Problem details =>
From the first line to the last, print the listing exactly.

Material to process =>
-.-.-

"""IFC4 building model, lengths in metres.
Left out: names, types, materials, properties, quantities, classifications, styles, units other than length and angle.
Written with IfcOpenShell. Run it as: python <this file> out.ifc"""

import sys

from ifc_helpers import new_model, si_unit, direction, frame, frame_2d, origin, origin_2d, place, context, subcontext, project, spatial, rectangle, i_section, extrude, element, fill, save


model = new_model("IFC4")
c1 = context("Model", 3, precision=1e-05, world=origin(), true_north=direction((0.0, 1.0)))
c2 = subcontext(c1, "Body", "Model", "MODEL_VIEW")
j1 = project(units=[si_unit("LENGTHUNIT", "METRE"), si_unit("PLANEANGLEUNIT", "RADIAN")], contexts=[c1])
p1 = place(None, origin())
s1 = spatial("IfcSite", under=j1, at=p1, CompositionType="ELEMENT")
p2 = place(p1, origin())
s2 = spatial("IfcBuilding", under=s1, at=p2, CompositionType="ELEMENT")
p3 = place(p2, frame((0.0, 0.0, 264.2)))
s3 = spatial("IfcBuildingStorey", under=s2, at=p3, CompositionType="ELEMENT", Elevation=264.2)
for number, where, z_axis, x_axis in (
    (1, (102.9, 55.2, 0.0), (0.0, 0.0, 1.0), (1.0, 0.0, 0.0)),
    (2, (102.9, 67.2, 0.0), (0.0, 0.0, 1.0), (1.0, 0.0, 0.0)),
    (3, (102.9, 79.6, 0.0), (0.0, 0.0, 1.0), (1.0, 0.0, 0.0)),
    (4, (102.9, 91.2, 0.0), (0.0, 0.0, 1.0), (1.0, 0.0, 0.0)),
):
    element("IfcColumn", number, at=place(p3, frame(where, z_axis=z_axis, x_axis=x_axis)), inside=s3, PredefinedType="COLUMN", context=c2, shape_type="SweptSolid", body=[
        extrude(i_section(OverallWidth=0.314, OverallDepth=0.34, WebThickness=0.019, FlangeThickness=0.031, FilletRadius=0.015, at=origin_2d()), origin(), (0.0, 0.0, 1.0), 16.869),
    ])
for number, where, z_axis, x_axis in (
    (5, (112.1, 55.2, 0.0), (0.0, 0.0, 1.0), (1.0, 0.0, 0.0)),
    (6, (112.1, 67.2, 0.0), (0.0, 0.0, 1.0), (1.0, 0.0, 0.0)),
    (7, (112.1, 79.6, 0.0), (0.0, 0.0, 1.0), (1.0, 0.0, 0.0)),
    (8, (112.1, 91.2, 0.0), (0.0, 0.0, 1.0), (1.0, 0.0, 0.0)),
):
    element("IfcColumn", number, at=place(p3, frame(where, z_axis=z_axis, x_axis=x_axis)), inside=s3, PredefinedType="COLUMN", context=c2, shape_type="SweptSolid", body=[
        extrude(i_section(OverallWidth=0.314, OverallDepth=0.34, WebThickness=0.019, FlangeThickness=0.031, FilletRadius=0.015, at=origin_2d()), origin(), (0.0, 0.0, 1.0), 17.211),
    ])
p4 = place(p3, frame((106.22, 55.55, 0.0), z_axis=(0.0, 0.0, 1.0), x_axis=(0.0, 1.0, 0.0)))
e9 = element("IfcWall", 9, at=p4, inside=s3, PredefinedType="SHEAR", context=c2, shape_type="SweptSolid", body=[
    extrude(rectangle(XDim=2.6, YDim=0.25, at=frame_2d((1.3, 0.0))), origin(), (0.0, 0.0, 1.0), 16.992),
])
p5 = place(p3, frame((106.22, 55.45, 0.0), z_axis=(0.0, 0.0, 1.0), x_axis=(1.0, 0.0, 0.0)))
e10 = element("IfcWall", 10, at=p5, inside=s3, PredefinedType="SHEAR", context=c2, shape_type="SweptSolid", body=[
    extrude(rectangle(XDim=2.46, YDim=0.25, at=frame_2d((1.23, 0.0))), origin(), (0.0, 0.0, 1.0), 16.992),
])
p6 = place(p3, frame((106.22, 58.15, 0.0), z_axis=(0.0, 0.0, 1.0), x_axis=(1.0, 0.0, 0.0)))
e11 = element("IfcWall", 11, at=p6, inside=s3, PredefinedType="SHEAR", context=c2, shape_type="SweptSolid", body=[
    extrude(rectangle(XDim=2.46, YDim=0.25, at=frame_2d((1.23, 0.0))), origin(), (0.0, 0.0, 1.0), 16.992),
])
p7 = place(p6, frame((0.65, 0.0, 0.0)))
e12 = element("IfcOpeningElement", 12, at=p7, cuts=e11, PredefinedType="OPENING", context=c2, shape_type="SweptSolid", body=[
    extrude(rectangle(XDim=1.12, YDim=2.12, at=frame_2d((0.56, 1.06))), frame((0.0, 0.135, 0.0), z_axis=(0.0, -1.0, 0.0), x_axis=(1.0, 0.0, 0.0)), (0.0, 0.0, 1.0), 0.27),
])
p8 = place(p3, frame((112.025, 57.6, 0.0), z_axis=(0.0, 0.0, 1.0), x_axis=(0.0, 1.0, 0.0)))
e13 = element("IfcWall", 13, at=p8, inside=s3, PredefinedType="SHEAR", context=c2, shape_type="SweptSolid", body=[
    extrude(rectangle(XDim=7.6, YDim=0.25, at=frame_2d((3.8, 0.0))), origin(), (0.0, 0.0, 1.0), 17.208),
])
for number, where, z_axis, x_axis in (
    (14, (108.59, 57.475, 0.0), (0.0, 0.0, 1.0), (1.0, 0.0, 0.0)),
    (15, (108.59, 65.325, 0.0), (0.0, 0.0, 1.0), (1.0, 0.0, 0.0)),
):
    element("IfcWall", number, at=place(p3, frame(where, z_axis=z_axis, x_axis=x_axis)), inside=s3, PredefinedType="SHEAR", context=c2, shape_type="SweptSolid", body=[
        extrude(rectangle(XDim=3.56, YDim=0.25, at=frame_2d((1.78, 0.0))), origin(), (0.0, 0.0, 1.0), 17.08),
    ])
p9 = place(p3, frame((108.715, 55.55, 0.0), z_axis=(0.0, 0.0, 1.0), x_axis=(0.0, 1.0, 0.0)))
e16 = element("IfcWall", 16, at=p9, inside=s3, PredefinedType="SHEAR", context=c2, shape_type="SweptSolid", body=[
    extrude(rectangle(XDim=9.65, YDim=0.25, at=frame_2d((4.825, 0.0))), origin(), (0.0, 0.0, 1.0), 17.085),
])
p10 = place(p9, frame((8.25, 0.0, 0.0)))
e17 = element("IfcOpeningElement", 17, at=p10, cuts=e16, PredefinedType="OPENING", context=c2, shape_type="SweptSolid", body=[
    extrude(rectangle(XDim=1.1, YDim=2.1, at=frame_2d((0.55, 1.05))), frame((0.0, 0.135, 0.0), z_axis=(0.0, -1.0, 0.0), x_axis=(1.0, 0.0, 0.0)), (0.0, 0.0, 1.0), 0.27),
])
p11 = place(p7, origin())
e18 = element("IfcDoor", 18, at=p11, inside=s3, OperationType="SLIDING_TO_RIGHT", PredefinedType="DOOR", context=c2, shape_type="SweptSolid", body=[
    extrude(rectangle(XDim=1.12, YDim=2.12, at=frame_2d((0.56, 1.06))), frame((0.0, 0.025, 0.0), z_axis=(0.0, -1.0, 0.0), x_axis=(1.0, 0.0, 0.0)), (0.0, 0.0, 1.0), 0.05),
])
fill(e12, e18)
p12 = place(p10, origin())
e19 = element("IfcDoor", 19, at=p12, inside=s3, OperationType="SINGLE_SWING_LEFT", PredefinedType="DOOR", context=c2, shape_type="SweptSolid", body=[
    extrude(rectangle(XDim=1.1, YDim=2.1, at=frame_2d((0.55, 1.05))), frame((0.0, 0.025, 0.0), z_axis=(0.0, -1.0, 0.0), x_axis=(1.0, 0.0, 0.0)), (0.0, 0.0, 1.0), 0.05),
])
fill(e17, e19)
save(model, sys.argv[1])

-.-.-

Solution to this problem =>
"""IFC4 building model, lengths in metres.
Left out: names, types, materials, properties, quantities, classifications, styles, units other than length and angle.
Written with IfcOpenShell. Run it as: python <this file> out.ifc"""

import sys

from ifc_helpers import new_model, si_unit, direction, frame, frame_2d, origin, origin_2d, place, context, subcontext, project, spatial, rectangle, i_section, extrude, element, fill, save


model = new_model("IFC4")
c1 = context("Model", 3, precision=1e-05, world=origin(), true_north=direction((0.0, 1.0)))
c2 = subcontext(c1, "Body", "Model", "MODEL_VIEW")
j1 = project(units=[si_unit("LENGTHUNIT", "METRE"), si_unit("PLANEANGLEUNIT", "RADIAN")], contexts=[c1])
p1 = place(None, origin())
s1 = spatial("IfcSite", under=j1, at=p1, CompositionType="ELEMENT")
p2 = place(p1, origin())
s2 = spatial("IfcBuilding", under=s1, at=p2, CompositionType="ELEMENT")
p3 = place(p2, frame((0.0, 0.0, 264.2)))
s3 = spatial("IfcBuildingStorey", under=s2, at=p3, CompositionType="ELEMENT", Elevation=264.2)
for number, where, z_axis, x_axis in (
    (1, (102.9, 55.2, 0.0), (0.0, 0.0, 1.0), (1.0, 0.0, 0.0)),
    (2, (102.9, 67.2, 0.0), (0.0, 0.0, 1.0), (1.0, 0.0, 0.0)),
    (3, (102.9, 79.6, 0.0), (0.0, 0.0, 1.0), (1.0, 0.0, 0.0)),
    (4, (102.9, 91.2, 0.0), (0.0, 0.0, 1.0), (1.0, 0.0, 0.0)),
):
    element("IfcColumn", number, at=place(p3, frame(where, z_axis=z_axis, x_axis=x_axis)), inside=s3, PredefinedType="COLUMN", context=c2, shape_type="SweptSolid", body=[
        extrude(i_section(OverallWidth=0.314, OverallDepth=0.34, WebThickness=0.019, FlangeThickness=0.031, FilletRadius=0.015, at=origin_2d()), origin(), (0.0, 0.0, 1.0), 16.869),
    ])
for number, where, z_axis, x_axis in (
    (5, (112.1, 55.2, 0.0), (0.0, 0.0, 1.0), (1.0, 0.0, 0.0)),
    (6, (112.1, 67.2, 0.0), (0.0, 0.0, 1.0), (1.0, 0.0, 0.0)),
    (7, (112.1, 79.6, 0.0), (0.0, 0.0, 1.0), (1.0, 0.0, 0.0)),
    (8, (112.1, 91.2, 0.0), (0.0, 0.0, 1.0), (1.0, 0.0, 0.0)),
):
    element("IfcColumn", number, at=place(p3, frame(where, z_axis=z_axis, x_axis=x_axis)), inside=s3, PredefinedType="COLUMN", context=c2, shape_type="SweptSolid", body=[
        extrude(i_section(OverallWidth=0.314, OverallDepth=0.34, WebThickness=0.019, FlangeThickness=0.031, FilletRadius=0.015, at=origin_2d()), origin(), (0.0, 0.0, 1.0), 17.211),
    ])
p4 = place(p3, frame((106.22, 55.55, 0.0), z_axis=(0.0, 0.0, 1.0), x_axis=(0.0, 1.0, 0.0)))
e9 = element("IfcWall", 9, at=p4, inside=s3, PredefinedType="SHEAR", context=c2, shape_type="SweptSolid", body=[
    extrude(rectangle(XDim=2.6, YDim=0.25, at=frame_2d((1.3, 0.0))), origin(), (0.0, 0.0, 1.0), 16.992),
])
p5 = place(p3, frame((106.22, 55.45, 0.0), z_axis=(0.0, 0.0, 1.0), x_axis=(1.0, 0.0, 0.0)))
e10 = element("IfcWall", 10, at=p5, inside=s3, PredefinedType="SHEAR", context=c2, shape_type="SweptSolid", body=[
    extrude(rectangle(XDim=2.46, YDim=0.25, at=frame_2d((1.23, 0.0))), origin(), (0.0, 0.0, 1.0), 16.992),
])
p6 = place(p3, frame((106.22, 58.15, 0.0), z_axis=(0.0, 0.0, 1.0), x_axis=(1.0, 0.0, 0.0)))
e11 = element("IfcWall", 11, at=p6, inside=s3, PredefinedType="SHEAR", context=c2, shape_type="SweptSolid", body=[
    extrude(rectangle(XDim=2.46, YDim=0.25, at=frame_2d((1.23, 0.0))), origin(), (0.0, 0.0, 1.0), 16.992),
])
p7 = place(p6, frame((0.65, 0.0, 0.0)))
e12 = element("IfcOpeningElement", 12, at=p7, cuts=e11, PredefinedType="OPENING", context=c2, shape_type="SweptSolid", body=[
    extrude(rectangle(XDim=1.12, YDim=2.12, at=frame_2d((0.56, 1.06))), frame((0.0, 0.135, 0.0), z_axis=(0.0, -1.0, 0.0), x_axis=(1.0, 0.0, 0.0)), (0.0, 0.0, 1.0), 0.27),
])
p8 = place(p3, frame((112.025, 57.6, 0.0), z_axis=(0.0, 0.0, 1.0), x_axis=(0.0, 1.0, 0.0)))
e13 = element("IfcWall", 13, at=p8, inside=s3, PredefinedType="SHEAR", context=c2, shape_type="SweptSolid", body=[
    extrude(rectangle(XDim=7.6, YDim=0.25, at=frame_2d((3.8, 0.0))), origin(), (0.0, 0.0, 1.0), 17.208),
])
for number, where, z_axis, x_axis in (
    (14, (108.59, 57.475, 0.0), (0.0, 0.0, 1.0), (1.0, 0.0, 0.0)),
    (15, (108.59, 65.325, 0.0), (0.0, 0.0, 1.0), (1.0, 0.0, 0.0)),
):
    element("IfcWall", number, at=place(p3, frame(where, z_axis=z_axis, x_axis=x_axis)), inside=s3, PredefinedType="SHEAR", context=c2, shape_type="SweptSolid", body=[
        extrude(rectangle(XDim=3.56, YDim=0.25, at=frame_2d((1.78, 0.0))), origin(), (0.0, 0.0, 1.0), 17.08),
    ])
p9 = place(p3, frame((108.715, 55.55, 0.0), z_axis=(0.0, 0.0, 1.0), x_axis=(0.0, 1.0, 0.0)))
e16 = element("IfcWall", 16, at=p9, inside=s3, PredefinedType="SHEAR", context=c2, shape_type="SweptSolid", body=[
    extrude(rectangle(XDim=9.65, YDim=0.25, at=frame_2d((4.825, 0.0))), origin(), (0.0, 0.0, 1.0), 17.085),
])
p10 = place(p9, frame((8.25, 0.0, 0.0)))
e17 = element("IfcOpeningElement", 17, at=p10, cuts=e16, PredefinedType="OPENING", context=c2, shape_type="SweptSolid", body=[
    extrude(rectangle(XDim=1.1, YDim=2.1, at=frame_2d((0.55, 1.05))), frame((0.0, 0.135, 0.0), z_axis=(0.0, -1.0, 0.0), x_axis=(1.0, 0.0, 0.0)), (0.0, 0.0, 1.0), 0.27),
])
p11 = place(p7, origin())
e18 = element("IfcDoor", 18, at=p11, inside=s3, OperationType="SLIDING_TO_RIGHT", PredefinedType="DOOR", context=c2, shape_type="SweptSolid", body=[
    extrude(rectangle(XDim=1.12, YDim=2.12, at=frame_2d((0.56, 1.06))), frame((0.0, 0.025, 0.0), z_axis=(0.0, -1.0, 0.0), x_axis=(1.0, 0.0, 0.0)), (0.0, 0.0, 1.0), 0.05),
])
fill(e12, e18)
p12 = place(p10, origin())
e19 = element("IfcDoor", 19, at=p12, inside=s3, OperationType="SINGLE_SWING_LEFT", PredefinedType="DOOR", context=c2, shape_type="SweptSolid", body=[
    extrude(rectangle(XDim=1.1, YDim=2.1, at=frame_2d((0.55, 1.05))), frame((0.0, 0.025, 0.0), z_axis=(0.0, -1.0, 0.0), x_axis=(1.0, 0.0, 0.0)), (0.0, 0.0, 1.0), 0.05),
])
fill(e17, e19)
save(model, sys.argv[1])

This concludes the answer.